# WORK REQUEST
Only the number is wanted: how many lines below contain "placement"?

# MATERIAL PROVIDED
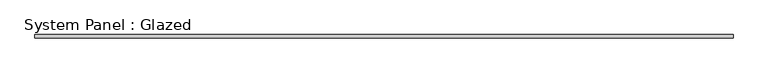
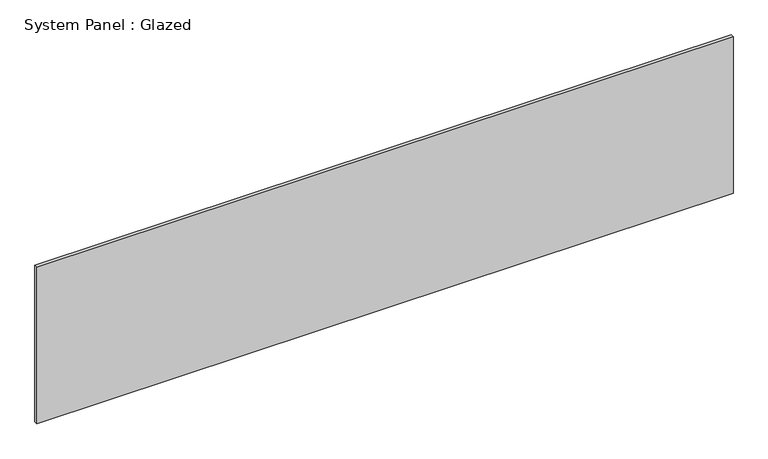
"""IFC4 building model written with IfcOpenShell, lengths in millimetres: plate geometry, System Panel : Glazed."""

from ifc_helpers import new_model, si_unit, origin, origin_with_axes, place, context, project, spatial, polyline, outline, extrude, source, transform, mapped, element, save


def system_panel_glazed_83eff035(model_context):
    return source(origin(), model_context, "Body", "SweptSolid", [
        extrude(outline(polyline([(2565.4, 19.05), (-2565.4, 19.05), (-2565.4, 44.45), (2565.4, 44.45), (2565.4, 19.05)])), origin_with_axes(), (0.0, 0.0, 1.0), 1219.2),
    ])


if __name__ == "__main__":
    model = new_model("IFC4")
    model_context = context("Model", 3, world=origin())
    ifc_project = project(units=[si_unit("LENGTHUNIT", "METRE", prefix="MILLI")], contexts=[model_context])
    site = spatial("IfcSite", under=ifc_project)
    building = spatial("IfcBuilding", under=site)
    placement = place(None, origin())
    system_panel_glazed_shape = system_panel_glazed_83eff035(model_context)
    element("IfcPlate", 1, ObjectType="System Panel : Glazed", at=placement, inside=building, context=model_context, shape_type="MappedRepresentation", body=[
        mapped(system_panel_glazed_shape, transform((0.0, 0.0, 0.0), x_axis=(1.0, 0.0, 0.0), y_axis=(0.0, 1.0, 0.0), z_axis=(0.0, 0.0, 1.0))),
    ])
    save(model, "model.ifc")

# Revit data of these elements
# Type "System Panel : Glazed"
#   Construction Type Id = "GSP4R"
#   Analytic Construction = "1/8 in Pilkington single glazing"
#   Visual Light Transmittance = 0.9
#   Solar Heat Gain Coefficient = 0.86
#   Heat Transfer Coefficient (U) = 1.18115 BTU/(h·ft²·°F)
# Element 1 (IfcPlate, "System Panel : Glazed")
#   Materials on its faces: "Glass"
# Materials
#   "Glass": class "Glass", colour RGB 0 128 192, transparency 0.75, Description = "Soda Lime Glass", Cost = 0

# YOUR RESPONSE
2